**Supplied data**
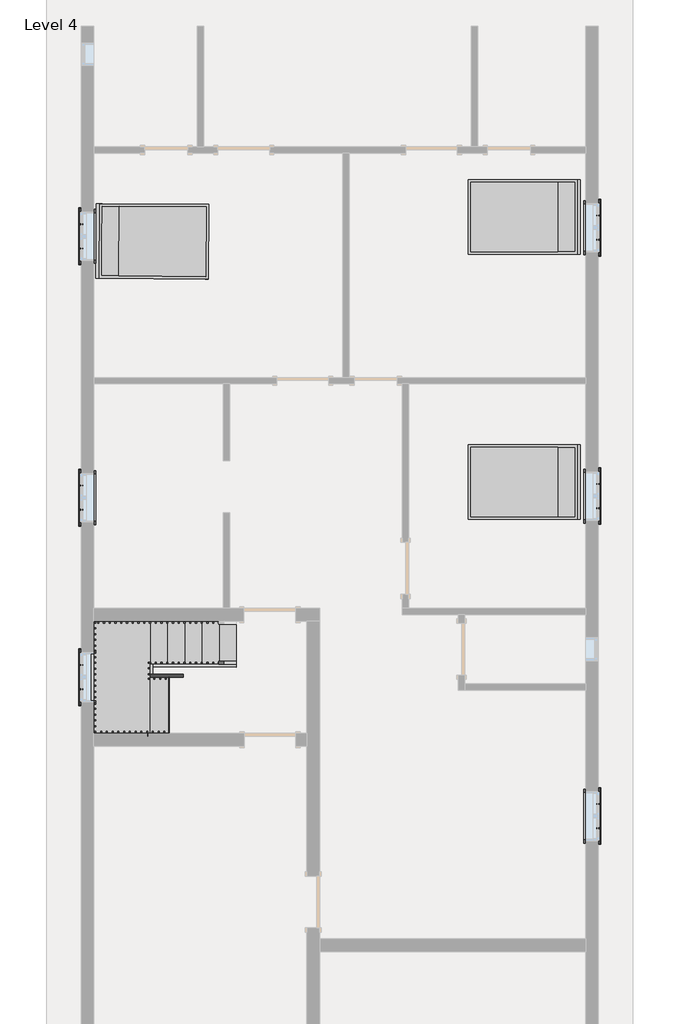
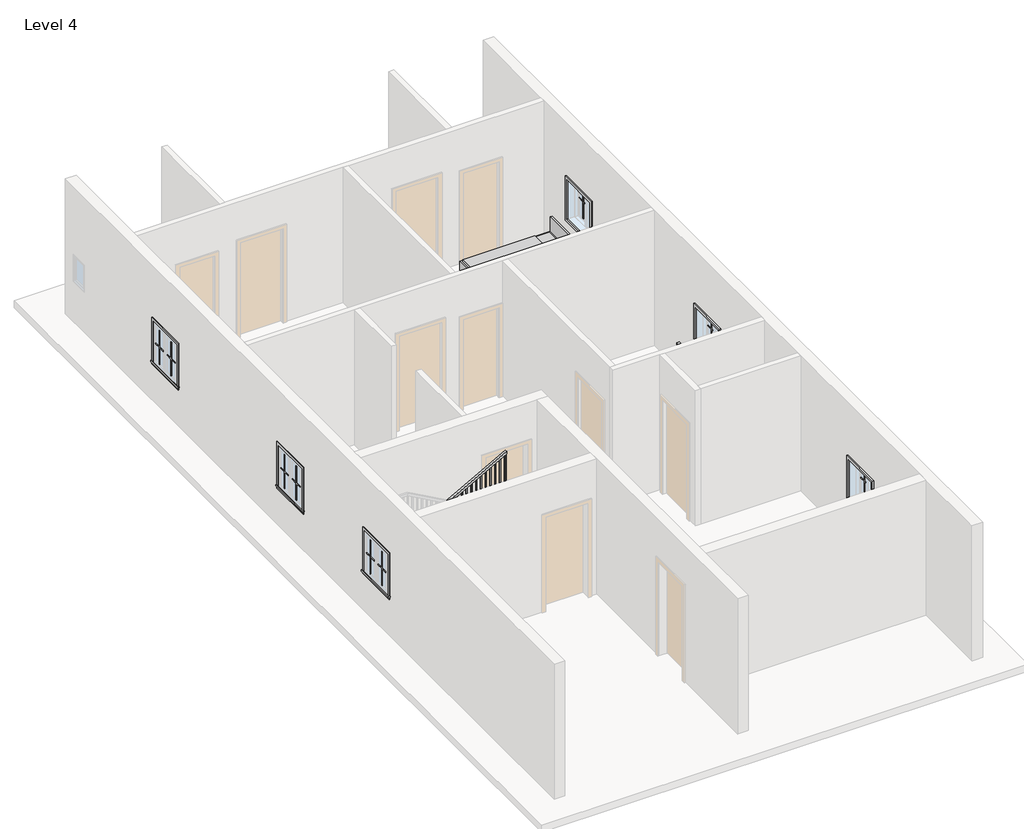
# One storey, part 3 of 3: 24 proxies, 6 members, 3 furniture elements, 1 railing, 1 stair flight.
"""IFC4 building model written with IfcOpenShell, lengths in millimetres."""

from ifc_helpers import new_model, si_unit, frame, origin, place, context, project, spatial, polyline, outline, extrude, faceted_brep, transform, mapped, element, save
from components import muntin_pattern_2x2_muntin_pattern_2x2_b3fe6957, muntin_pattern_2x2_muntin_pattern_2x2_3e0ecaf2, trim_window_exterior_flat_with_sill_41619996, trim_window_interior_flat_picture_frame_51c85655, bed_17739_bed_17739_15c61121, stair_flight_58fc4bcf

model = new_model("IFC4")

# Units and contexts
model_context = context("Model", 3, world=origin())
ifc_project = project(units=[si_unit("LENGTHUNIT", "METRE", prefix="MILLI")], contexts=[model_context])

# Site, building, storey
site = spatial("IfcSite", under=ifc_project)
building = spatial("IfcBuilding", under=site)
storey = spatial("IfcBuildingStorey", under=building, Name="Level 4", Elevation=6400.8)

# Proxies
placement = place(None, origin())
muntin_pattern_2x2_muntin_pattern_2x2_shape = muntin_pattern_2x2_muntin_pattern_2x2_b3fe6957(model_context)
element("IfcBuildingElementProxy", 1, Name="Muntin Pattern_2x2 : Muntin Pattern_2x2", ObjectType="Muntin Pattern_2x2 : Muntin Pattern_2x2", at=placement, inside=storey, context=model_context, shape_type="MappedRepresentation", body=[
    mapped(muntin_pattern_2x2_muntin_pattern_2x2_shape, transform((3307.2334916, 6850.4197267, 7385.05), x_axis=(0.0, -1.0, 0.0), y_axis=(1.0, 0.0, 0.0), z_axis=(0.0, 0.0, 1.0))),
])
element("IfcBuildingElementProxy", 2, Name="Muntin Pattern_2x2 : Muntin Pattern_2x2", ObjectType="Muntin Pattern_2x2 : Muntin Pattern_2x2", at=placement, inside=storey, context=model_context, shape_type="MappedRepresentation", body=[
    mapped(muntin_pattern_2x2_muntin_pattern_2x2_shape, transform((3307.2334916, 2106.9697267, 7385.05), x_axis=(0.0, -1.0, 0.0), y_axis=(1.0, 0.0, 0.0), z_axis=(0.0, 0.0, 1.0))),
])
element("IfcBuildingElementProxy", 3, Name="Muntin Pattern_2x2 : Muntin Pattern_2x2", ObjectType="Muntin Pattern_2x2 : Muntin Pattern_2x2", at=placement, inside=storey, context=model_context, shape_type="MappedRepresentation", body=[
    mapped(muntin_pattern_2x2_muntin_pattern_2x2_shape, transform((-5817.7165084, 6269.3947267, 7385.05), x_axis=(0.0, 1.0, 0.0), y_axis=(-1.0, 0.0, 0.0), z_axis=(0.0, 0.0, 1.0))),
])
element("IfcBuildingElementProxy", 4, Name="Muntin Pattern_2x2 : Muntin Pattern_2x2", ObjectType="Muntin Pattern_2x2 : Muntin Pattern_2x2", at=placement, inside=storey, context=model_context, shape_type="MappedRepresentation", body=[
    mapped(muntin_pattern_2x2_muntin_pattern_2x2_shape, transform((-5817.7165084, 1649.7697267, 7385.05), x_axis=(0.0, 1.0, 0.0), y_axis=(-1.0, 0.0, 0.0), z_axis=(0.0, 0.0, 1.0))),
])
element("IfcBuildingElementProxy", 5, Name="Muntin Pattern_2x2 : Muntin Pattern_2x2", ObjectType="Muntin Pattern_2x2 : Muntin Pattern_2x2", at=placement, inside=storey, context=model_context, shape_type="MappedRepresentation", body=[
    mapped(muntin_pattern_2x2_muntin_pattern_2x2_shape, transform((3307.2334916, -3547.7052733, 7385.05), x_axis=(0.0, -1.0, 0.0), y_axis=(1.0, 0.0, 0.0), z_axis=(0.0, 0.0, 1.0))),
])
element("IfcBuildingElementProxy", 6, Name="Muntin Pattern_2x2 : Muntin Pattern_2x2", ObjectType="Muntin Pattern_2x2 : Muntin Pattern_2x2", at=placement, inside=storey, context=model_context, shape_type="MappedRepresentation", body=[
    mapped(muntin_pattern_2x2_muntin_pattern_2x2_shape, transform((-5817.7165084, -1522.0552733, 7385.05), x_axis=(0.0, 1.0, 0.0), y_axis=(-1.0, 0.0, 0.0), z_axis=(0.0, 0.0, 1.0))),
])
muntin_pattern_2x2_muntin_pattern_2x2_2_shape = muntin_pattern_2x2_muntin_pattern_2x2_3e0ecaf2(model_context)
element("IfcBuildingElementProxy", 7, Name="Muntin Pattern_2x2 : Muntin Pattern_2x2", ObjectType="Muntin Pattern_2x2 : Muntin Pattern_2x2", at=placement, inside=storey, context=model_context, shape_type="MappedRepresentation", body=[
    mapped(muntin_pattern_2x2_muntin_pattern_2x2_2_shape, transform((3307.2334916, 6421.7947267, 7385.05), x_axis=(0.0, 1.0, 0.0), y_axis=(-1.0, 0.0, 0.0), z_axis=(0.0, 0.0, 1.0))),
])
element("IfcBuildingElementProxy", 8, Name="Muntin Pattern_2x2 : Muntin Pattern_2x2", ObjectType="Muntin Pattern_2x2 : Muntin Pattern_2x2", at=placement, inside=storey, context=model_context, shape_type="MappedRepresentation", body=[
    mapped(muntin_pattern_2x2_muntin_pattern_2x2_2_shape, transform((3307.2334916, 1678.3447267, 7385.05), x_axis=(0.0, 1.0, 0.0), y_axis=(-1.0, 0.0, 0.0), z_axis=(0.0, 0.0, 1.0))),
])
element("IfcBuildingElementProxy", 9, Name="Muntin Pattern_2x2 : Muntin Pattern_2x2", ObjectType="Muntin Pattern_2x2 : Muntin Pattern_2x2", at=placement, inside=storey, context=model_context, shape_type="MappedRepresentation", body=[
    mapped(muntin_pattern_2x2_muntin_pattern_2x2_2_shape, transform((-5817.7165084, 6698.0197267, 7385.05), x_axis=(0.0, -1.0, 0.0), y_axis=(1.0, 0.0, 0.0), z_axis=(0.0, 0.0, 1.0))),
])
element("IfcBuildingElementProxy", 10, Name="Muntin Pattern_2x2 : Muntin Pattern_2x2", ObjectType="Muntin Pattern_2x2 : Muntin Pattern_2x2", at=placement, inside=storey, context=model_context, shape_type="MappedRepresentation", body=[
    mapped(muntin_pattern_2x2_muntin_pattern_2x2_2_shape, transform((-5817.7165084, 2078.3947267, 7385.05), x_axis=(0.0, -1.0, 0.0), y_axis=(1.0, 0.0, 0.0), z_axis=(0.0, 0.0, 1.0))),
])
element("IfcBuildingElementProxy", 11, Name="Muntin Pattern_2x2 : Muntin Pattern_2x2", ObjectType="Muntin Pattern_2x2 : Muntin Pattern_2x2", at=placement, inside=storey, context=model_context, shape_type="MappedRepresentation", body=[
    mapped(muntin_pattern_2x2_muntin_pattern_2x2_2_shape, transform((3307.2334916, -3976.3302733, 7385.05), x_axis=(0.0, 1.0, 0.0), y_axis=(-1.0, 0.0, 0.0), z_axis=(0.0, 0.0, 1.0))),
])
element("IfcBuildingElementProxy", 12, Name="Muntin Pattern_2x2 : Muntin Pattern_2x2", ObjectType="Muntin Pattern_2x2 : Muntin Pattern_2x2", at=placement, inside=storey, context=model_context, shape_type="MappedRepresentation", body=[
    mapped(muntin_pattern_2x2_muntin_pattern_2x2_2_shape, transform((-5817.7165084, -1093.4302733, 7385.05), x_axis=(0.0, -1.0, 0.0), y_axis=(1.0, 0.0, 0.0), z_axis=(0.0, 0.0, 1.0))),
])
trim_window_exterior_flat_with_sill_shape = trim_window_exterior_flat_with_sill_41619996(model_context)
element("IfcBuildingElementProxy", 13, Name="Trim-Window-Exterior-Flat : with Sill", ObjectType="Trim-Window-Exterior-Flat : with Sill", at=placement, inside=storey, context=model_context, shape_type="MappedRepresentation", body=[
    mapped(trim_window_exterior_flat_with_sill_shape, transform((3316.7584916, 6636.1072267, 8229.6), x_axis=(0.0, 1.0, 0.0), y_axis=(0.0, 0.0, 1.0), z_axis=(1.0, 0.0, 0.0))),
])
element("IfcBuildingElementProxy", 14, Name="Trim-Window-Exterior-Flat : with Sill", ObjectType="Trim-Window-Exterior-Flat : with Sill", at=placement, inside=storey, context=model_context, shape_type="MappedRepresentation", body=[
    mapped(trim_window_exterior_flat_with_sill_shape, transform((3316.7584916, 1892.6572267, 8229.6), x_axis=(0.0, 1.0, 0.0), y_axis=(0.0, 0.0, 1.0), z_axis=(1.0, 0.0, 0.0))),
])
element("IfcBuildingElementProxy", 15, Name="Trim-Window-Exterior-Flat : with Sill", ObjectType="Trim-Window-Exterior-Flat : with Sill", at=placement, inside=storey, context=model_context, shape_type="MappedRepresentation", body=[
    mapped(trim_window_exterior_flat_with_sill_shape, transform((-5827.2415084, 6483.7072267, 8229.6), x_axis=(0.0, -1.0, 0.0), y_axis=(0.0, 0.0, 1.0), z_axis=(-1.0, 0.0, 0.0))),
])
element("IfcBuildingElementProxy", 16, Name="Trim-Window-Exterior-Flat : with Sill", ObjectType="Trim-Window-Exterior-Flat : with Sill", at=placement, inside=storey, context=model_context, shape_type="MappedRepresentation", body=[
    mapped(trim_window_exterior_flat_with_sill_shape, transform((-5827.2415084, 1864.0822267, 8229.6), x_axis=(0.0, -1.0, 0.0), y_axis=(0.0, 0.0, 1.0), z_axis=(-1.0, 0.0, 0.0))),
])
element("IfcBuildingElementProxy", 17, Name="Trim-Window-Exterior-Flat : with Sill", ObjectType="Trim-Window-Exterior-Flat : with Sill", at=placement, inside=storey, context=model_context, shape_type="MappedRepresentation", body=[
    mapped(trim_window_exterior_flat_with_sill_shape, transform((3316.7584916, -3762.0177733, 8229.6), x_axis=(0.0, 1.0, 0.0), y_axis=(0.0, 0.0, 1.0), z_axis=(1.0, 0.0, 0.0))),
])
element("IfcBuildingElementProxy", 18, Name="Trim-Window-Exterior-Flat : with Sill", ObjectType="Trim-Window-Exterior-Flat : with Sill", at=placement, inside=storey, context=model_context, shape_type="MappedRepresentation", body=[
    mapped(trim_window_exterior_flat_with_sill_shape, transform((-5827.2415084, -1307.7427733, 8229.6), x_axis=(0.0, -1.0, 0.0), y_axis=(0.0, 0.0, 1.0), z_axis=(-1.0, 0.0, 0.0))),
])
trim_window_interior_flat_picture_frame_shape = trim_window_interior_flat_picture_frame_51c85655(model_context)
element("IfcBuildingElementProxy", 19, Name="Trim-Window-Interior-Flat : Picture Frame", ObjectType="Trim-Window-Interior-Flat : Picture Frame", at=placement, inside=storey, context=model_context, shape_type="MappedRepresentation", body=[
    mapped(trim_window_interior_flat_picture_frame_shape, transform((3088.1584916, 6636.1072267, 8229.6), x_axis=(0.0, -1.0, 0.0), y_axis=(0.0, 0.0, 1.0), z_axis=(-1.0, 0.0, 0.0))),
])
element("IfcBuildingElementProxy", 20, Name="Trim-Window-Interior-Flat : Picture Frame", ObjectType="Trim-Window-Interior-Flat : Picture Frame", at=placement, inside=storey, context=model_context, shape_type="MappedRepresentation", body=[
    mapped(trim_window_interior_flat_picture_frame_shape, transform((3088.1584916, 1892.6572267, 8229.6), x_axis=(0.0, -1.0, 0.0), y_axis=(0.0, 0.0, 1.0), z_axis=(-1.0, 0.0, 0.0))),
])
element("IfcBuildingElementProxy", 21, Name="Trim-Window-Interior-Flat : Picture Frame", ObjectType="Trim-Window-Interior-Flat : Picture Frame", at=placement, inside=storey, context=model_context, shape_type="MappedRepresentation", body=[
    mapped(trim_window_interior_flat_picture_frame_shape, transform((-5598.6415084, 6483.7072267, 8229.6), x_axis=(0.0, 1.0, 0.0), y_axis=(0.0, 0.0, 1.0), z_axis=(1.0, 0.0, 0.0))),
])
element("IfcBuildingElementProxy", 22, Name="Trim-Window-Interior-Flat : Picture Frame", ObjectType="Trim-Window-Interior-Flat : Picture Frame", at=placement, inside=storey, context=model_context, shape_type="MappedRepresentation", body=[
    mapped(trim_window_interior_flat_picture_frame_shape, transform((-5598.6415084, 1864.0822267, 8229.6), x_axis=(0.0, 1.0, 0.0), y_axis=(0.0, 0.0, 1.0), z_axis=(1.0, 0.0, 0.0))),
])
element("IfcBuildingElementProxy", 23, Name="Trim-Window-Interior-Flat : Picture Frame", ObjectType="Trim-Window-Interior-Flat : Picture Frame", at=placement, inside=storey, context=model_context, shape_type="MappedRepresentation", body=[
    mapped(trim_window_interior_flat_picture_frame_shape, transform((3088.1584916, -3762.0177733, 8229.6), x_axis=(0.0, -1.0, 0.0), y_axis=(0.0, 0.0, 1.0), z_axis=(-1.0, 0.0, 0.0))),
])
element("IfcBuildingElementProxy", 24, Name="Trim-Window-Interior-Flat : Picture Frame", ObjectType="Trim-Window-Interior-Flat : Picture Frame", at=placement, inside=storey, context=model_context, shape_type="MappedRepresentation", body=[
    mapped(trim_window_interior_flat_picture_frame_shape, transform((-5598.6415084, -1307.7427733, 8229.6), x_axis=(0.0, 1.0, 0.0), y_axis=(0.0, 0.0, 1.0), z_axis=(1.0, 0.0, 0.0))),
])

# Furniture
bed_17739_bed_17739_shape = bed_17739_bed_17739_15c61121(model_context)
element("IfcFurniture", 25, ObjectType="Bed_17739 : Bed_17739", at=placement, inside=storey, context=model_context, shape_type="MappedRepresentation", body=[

**Task to complete**
Up to and including the last line above, starting with the line that contains "# Furniture", return each line exactly and nothing else.

**Task output**
# Furniture
bed_17739_bed_17739_shape = bed_17739_bed_17739_15c61121(model_context)
element("IfcFurniture", 25, ObjectType="Bed_17739 : Bed_17739", at=placement, inside=storey, context=model_context, shape_type="MappedRepresentation", body=[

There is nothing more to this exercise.